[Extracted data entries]

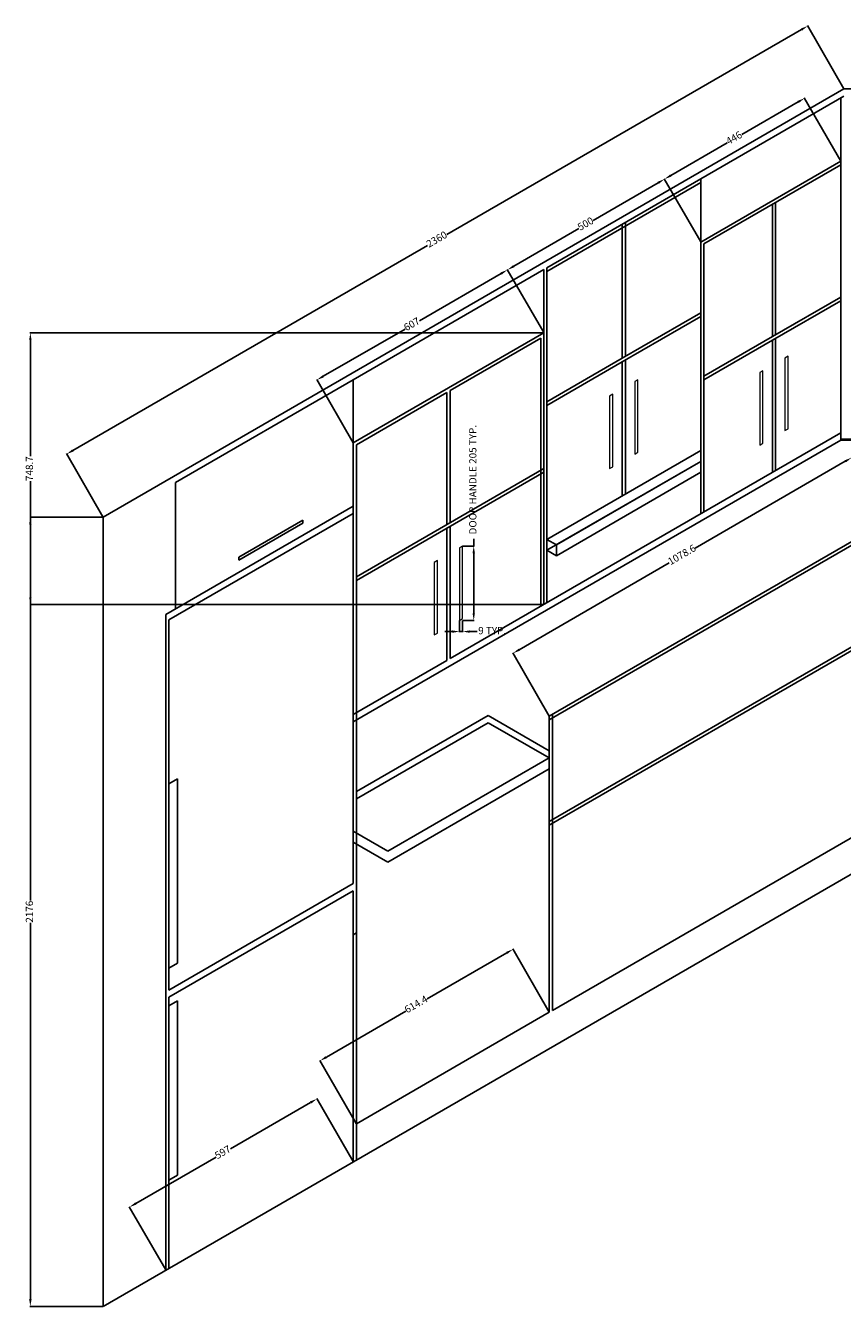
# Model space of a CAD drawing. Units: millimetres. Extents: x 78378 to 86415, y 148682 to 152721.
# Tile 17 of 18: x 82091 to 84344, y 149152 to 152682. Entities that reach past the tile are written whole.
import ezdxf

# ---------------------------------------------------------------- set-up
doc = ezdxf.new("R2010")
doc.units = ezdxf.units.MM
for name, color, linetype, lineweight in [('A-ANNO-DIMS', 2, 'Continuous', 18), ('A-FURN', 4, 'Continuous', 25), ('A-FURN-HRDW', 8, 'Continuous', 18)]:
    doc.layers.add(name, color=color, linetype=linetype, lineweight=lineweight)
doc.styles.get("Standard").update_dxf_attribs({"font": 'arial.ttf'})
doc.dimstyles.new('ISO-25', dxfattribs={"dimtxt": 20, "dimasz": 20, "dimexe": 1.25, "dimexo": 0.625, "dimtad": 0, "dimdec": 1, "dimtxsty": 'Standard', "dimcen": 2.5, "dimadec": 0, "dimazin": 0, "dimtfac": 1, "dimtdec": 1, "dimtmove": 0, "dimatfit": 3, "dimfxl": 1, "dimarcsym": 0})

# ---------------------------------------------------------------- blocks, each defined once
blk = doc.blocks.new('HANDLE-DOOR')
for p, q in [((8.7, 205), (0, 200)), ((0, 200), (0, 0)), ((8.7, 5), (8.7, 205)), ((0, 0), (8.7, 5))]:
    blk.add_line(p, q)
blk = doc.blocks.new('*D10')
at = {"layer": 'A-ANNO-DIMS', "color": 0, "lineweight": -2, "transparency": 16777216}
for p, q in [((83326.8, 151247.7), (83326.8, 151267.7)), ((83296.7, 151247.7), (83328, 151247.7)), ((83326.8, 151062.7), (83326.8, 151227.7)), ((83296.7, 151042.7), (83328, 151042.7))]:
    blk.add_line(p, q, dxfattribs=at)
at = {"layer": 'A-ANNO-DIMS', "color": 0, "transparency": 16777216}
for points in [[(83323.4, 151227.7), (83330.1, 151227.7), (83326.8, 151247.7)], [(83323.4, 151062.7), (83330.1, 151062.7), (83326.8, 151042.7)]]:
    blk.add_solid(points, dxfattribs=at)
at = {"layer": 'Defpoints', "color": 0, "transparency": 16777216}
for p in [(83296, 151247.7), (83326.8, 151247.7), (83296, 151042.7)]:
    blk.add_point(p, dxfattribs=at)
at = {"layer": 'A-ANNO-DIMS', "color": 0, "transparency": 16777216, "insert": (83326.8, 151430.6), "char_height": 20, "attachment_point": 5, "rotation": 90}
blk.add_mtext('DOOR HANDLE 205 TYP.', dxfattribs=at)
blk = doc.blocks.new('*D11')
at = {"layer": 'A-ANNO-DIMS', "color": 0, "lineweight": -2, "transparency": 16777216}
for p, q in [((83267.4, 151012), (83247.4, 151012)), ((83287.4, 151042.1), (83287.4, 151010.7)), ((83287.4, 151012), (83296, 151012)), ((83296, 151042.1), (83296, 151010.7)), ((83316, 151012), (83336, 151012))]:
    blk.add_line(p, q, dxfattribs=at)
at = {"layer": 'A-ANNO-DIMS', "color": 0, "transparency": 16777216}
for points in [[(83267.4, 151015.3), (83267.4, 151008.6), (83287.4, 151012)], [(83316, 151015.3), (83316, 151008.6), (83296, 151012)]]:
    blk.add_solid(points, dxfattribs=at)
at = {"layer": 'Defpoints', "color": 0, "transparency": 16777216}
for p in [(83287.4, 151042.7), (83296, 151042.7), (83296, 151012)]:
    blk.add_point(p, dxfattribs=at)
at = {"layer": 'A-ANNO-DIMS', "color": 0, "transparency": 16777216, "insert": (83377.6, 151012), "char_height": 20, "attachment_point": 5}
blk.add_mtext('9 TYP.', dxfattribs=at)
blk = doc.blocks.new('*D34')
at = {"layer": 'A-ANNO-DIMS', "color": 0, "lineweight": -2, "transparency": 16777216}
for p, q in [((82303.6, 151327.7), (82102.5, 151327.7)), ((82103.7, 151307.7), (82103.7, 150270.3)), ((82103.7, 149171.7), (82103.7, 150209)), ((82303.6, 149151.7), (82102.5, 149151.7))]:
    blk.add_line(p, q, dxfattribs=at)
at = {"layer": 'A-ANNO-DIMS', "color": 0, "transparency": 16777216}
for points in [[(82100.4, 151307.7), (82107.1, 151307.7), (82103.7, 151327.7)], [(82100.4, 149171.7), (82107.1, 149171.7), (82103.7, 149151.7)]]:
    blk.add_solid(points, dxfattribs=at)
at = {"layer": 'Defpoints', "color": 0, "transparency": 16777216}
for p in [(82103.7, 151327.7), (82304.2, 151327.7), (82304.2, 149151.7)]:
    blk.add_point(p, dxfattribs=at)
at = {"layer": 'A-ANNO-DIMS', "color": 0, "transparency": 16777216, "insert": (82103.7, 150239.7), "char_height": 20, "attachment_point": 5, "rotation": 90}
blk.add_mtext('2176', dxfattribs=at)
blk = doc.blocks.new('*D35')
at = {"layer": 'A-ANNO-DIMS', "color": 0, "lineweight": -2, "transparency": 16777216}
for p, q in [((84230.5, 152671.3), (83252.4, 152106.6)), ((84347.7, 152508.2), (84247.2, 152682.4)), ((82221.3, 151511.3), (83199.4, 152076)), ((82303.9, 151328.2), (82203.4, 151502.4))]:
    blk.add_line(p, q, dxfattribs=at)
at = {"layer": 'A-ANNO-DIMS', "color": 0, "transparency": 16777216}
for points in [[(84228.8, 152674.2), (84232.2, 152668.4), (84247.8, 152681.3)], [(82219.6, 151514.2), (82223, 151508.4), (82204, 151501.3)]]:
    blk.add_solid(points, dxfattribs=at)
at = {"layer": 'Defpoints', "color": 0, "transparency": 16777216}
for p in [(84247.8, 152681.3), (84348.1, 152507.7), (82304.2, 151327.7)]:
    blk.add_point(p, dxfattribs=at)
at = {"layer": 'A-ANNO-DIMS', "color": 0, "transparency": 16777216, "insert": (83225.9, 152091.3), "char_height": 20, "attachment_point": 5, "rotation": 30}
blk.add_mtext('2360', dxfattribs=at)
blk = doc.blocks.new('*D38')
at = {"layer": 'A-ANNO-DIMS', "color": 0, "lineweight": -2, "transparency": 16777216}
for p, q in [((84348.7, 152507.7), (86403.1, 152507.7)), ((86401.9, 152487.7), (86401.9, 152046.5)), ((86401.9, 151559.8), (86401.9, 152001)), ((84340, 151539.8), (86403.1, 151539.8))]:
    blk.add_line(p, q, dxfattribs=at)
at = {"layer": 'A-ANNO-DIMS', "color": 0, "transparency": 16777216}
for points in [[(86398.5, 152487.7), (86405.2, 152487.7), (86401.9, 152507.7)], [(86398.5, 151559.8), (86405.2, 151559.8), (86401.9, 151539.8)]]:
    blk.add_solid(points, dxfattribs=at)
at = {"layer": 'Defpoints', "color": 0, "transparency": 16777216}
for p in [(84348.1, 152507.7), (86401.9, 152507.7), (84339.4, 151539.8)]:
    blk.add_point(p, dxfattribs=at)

*HOW TO COMPLETE THIS TASK*
Your answer should be one number, the count of lines above that hold "Standard".

*PROBLEM SOLUTION*
2